- _Material provided_:
=====
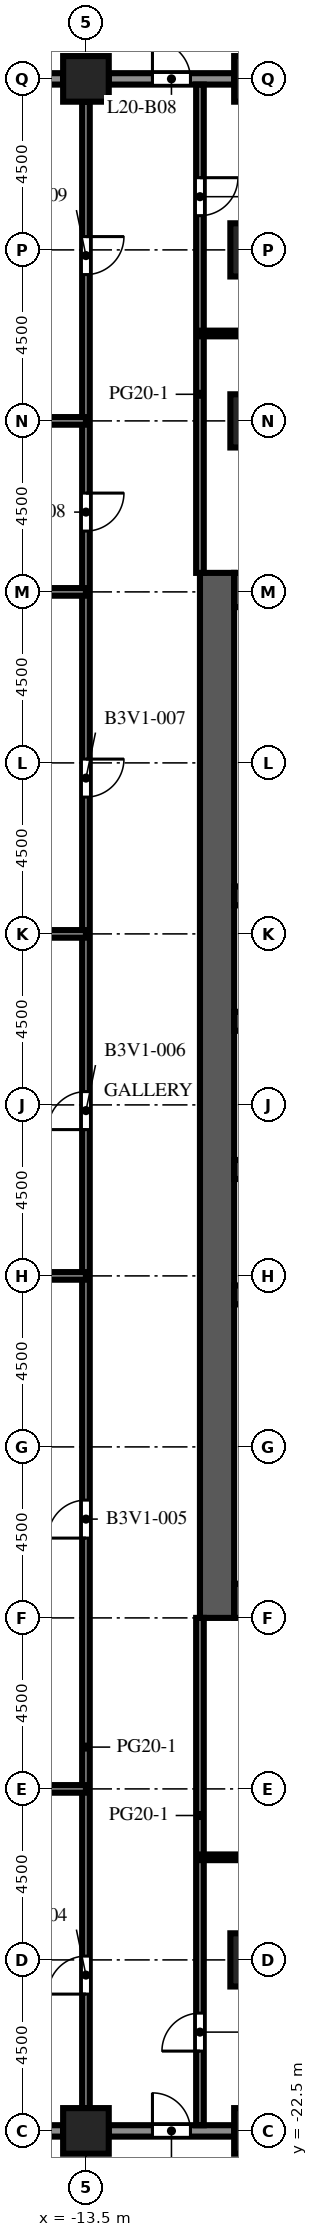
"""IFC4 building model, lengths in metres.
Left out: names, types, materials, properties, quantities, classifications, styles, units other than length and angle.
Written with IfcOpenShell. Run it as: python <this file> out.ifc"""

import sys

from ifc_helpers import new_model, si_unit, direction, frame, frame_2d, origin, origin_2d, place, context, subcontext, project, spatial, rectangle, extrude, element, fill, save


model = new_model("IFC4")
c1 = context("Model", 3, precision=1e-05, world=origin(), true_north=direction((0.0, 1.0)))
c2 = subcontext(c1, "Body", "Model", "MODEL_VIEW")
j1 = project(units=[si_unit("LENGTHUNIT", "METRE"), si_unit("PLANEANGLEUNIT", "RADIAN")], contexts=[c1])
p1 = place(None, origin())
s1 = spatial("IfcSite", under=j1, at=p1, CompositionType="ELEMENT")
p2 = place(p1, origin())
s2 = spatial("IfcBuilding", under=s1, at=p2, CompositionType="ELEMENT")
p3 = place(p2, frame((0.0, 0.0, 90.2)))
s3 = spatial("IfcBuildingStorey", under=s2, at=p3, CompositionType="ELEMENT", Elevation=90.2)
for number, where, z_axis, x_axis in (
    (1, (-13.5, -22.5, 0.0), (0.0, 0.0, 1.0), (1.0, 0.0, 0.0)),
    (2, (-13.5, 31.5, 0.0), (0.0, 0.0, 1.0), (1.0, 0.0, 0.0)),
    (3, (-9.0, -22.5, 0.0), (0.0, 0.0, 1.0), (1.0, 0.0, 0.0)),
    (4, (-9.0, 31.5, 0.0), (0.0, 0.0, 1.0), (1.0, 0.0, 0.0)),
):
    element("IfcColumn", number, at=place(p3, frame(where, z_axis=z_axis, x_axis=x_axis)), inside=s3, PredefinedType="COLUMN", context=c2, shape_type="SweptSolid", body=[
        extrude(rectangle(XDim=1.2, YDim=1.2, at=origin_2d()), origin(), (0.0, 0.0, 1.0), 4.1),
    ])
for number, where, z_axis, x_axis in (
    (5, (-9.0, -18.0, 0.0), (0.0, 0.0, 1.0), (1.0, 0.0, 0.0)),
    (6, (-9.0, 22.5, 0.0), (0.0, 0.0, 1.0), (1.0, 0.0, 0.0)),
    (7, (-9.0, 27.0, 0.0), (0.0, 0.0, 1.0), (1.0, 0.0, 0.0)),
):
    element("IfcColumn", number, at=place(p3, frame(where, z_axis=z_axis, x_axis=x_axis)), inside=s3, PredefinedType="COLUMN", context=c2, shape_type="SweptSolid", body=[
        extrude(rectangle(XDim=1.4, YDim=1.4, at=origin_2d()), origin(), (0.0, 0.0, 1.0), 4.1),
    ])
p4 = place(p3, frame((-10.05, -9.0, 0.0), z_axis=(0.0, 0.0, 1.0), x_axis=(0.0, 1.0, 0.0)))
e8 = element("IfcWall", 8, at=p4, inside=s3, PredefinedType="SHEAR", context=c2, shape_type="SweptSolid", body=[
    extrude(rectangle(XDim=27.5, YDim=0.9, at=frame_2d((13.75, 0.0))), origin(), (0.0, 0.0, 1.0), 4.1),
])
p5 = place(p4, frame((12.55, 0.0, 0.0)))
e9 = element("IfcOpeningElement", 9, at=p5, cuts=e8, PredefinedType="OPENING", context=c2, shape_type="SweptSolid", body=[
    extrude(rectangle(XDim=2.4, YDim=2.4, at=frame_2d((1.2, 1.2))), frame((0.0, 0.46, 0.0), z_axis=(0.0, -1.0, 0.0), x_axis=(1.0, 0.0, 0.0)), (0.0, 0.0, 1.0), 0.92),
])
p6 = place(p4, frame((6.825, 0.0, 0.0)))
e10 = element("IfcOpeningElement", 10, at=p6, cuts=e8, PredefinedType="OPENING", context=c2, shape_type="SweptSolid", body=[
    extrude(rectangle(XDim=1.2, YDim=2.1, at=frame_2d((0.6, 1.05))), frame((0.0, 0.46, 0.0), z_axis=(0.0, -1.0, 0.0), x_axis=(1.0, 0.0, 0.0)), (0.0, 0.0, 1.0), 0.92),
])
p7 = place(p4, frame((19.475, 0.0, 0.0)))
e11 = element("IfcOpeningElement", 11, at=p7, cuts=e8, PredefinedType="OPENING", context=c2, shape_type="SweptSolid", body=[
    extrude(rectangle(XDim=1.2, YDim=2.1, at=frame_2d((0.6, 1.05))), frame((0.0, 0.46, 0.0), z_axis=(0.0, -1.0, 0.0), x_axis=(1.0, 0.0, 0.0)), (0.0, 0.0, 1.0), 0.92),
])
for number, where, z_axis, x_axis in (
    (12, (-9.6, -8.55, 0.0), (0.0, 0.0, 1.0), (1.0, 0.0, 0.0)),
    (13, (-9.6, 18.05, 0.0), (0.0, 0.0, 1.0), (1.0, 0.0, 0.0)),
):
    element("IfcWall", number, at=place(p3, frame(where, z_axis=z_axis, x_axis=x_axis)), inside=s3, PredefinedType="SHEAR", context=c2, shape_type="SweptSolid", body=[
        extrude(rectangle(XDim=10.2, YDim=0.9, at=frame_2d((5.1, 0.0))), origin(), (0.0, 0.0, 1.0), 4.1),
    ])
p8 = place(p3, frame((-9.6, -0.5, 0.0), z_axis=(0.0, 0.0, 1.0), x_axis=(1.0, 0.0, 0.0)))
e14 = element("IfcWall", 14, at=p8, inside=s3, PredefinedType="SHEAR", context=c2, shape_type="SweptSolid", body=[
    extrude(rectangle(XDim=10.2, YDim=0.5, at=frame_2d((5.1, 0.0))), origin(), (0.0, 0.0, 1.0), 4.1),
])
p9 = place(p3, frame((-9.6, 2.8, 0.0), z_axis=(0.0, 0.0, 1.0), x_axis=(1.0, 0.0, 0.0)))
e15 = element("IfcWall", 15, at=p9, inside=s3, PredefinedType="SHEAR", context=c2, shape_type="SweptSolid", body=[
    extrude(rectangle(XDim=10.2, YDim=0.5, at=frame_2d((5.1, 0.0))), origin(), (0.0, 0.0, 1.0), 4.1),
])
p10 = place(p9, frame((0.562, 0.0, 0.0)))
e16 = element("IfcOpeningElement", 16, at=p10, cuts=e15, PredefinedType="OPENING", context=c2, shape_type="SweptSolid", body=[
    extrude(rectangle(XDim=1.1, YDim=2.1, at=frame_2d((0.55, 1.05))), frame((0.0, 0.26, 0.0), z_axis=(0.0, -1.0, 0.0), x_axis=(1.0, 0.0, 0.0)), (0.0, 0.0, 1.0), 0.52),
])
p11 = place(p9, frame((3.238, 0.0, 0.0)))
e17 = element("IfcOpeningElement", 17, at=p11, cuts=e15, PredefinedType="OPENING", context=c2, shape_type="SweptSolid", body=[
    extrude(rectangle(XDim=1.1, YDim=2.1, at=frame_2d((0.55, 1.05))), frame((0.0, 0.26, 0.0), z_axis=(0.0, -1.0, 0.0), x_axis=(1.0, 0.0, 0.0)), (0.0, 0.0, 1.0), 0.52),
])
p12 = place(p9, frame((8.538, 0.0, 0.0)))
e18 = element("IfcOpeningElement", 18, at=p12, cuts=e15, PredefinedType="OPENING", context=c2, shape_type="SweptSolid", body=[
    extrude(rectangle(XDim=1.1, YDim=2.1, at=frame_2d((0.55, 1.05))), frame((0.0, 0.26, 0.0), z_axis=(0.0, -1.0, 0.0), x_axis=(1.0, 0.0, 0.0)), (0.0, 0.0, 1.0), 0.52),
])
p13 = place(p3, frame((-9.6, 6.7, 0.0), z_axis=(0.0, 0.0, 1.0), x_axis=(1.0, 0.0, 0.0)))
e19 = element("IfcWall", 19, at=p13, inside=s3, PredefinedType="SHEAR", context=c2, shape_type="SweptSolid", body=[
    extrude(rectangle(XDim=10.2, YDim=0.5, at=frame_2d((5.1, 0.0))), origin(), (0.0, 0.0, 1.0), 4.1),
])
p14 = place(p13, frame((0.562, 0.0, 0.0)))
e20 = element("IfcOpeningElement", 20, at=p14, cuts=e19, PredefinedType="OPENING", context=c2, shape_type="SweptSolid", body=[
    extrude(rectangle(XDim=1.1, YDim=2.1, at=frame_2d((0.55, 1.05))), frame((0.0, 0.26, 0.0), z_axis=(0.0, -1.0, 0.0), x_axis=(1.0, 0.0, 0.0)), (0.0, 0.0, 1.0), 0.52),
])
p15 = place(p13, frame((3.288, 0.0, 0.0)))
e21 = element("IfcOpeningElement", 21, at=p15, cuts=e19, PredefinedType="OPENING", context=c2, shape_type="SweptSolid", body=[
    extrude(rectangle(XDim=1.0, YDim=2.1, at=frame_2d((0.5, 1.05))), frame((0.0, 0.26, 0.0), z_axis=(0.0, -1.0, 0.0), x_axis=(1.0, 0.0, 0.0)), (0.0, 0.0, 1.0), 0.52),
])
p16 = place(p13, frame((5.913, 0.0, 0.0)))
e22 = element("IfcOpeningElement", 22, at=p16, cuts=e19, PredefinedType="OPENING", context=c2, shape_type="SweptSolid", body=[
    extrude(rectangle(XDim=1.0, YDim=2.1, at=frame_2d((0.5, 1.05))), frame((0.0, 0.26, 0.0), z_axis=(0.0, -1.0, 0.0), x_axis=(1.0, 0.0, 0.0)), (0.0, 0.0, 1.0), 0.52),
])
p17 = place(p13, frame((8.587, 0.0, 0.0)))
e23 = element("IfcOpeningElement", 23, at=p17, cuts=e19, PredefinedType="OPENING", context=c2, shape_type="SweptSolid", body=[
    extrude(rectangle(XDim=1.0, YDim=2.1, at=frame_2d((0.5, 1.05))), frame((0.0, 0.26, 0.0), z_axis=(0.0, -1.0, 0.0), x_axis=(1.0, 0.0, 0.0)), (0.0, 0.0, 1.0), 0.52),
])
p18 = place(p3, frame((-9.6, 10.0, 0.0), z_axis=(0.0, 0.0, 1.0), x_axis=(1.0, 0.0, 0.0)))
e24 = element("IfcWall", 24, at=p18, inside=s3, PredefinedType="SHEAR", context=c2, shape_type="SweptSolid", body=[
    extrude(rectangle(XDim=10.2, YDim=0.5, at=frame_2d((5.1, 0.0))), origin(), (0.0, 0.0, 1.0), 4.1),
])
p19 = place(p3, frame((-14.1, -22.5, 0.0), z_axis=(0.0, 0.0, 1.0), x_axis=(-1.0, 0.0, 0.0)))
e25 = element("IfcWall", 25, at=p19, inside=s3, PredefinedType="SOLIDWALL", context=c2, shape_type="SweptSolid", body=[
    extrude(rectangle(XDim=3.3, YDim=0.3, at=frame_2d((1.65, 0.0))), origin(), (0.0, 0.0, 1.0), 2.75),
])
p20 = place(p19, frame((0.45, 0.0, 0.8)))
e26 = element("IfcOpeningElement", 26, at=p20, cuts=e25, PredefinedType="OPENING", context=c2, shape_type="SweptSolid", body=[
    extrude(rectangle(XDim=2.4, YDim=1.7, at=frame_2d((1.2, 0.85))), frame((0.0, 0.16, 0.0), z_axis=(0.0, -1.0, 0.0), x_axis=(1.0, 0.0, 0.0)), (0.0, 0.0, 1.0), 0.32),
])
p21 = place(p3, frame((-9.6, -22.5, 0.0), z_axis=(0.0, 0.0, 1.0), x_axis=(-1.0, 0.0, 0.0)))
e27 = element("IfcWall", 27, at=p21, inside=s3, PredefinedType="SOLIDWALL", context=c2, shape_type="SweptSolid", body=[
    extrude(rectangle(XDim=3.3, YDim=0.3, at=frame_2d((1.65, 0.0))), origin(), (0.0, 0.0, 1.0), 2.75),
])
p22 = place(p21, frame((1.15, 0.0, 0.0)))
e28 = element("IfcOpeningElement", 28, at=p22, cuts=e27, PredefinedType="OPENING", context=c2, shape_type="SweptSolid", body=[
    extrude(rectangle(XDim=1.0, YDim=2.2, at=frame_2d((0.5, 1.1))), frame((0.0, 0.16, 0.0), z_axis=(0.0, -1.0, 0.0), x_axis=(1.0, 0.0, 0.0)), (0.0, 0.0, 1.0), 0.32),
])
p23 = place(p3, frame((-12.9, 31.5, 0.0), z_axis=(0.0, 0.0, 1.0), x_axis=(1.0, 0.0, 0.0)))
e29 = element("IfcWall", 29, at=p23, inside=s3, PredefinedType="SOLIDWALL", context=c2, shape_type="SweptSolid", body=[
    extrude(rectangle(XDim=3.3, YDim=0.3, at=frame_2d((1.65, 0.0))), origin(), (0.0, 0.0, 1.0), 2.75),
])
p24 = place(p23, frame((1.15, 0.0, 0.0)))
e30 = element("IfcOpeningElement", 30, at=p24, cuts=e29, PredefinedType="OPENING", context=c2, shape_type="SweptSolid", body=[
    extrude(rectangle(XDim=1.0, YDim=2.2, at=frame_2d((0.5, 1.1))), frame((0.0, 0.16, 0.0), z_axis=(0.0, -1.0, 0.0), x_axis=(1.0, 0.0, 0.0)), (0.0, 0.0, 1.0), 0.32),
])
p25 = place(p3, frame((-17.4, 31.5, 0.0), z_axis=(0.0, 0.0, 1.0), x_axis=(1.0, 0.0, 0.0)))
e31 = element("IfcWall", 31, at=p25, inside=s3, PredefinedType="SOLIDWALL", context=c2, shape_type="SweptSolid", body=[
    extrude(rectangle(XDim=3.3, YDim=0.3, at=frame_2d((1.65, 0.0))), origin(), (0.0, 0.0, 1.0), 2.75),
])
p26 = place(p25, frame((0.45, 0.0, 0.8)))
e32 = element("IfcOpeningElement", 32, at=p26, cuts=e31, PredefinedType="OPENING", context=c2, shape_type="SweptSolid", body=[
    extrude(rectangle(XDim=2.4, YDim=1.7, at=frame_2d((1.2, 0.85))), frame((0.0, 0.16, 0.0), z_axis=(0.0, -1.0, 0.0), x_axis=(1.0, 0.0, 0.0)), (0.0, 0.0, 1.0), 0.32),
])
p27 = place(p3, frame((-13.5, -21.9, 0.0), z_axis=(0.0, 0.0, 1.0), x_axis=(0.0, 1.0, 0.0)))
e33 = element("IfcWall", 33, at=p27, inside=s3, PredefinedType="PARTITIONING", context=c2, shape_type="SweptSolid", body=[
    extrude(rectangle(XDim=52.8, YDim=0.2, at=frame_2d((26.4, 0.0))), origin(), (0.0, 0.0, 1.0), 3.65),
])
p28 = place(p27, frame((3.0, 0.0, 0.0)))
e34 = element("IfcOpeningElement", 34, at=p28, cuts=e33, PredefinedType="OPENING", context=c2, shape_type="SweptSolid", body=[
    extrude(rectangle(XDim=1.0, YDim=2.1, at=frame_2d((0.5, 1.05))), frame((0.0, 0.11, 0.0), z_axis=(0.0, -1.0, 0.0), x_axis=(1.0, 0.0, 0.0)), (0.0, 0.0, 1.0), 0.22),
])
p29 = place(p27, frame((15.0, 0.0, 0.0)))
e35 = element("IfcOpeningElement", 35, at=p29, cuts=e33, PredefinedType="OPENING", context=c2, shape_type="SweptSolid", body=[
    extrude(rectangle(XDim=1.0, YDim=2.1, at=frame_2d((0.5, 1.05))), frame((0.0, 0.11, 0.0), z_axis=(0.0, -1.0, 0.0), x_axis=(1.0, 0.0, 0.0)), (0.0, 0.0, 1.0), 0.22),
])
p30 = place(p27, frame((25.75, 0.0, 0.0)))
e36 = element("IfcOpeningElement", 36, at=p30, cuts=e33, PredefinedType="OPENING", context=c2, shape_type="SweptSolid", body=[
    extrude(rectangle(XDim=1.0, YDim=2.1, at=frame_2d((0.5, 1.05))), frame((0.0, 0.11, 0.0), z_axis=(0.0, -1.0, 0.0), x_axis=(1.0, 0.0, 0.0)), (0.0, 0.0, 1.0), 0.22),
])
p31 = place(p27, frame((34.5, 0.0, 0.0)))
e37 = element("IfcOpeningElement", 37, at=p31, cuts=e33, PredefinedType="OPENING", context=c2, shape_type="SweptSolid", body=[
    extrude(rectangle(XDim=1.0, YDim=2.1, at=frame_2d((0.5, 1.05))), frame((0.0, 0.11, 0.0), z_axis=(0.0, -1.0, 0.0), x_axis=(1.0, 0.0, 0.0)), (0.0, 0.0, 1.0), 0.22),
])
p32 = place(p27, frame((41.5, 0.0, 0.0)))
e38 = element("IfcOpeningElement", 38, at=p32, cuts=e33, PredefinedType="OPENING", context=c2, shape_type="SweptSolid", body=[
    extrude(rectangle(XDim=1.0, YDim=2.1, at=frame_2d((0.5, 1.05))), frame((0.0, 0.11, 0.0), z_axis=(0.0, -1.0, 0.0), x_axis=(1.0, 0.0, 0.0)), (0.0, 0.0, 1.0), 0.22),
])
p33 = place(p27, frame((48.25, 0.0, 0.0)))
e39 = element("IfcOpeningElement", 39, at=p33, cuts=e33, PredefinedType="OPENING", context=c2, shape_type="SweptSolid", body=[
=====
- _Exercise brief_:
Copy out every line of the material above that mentions the word "subcontext".

- _Exercise solution_:
from ifc_helpers import new_model, si_unit, direction, frame, frame_2d, origin, origin_2d, place, context, subcontext, project, spatial, rectangle, extrude, element, fill, save
c2 = subcontext(c1, "Body", "Model", "MODEL_VIEW")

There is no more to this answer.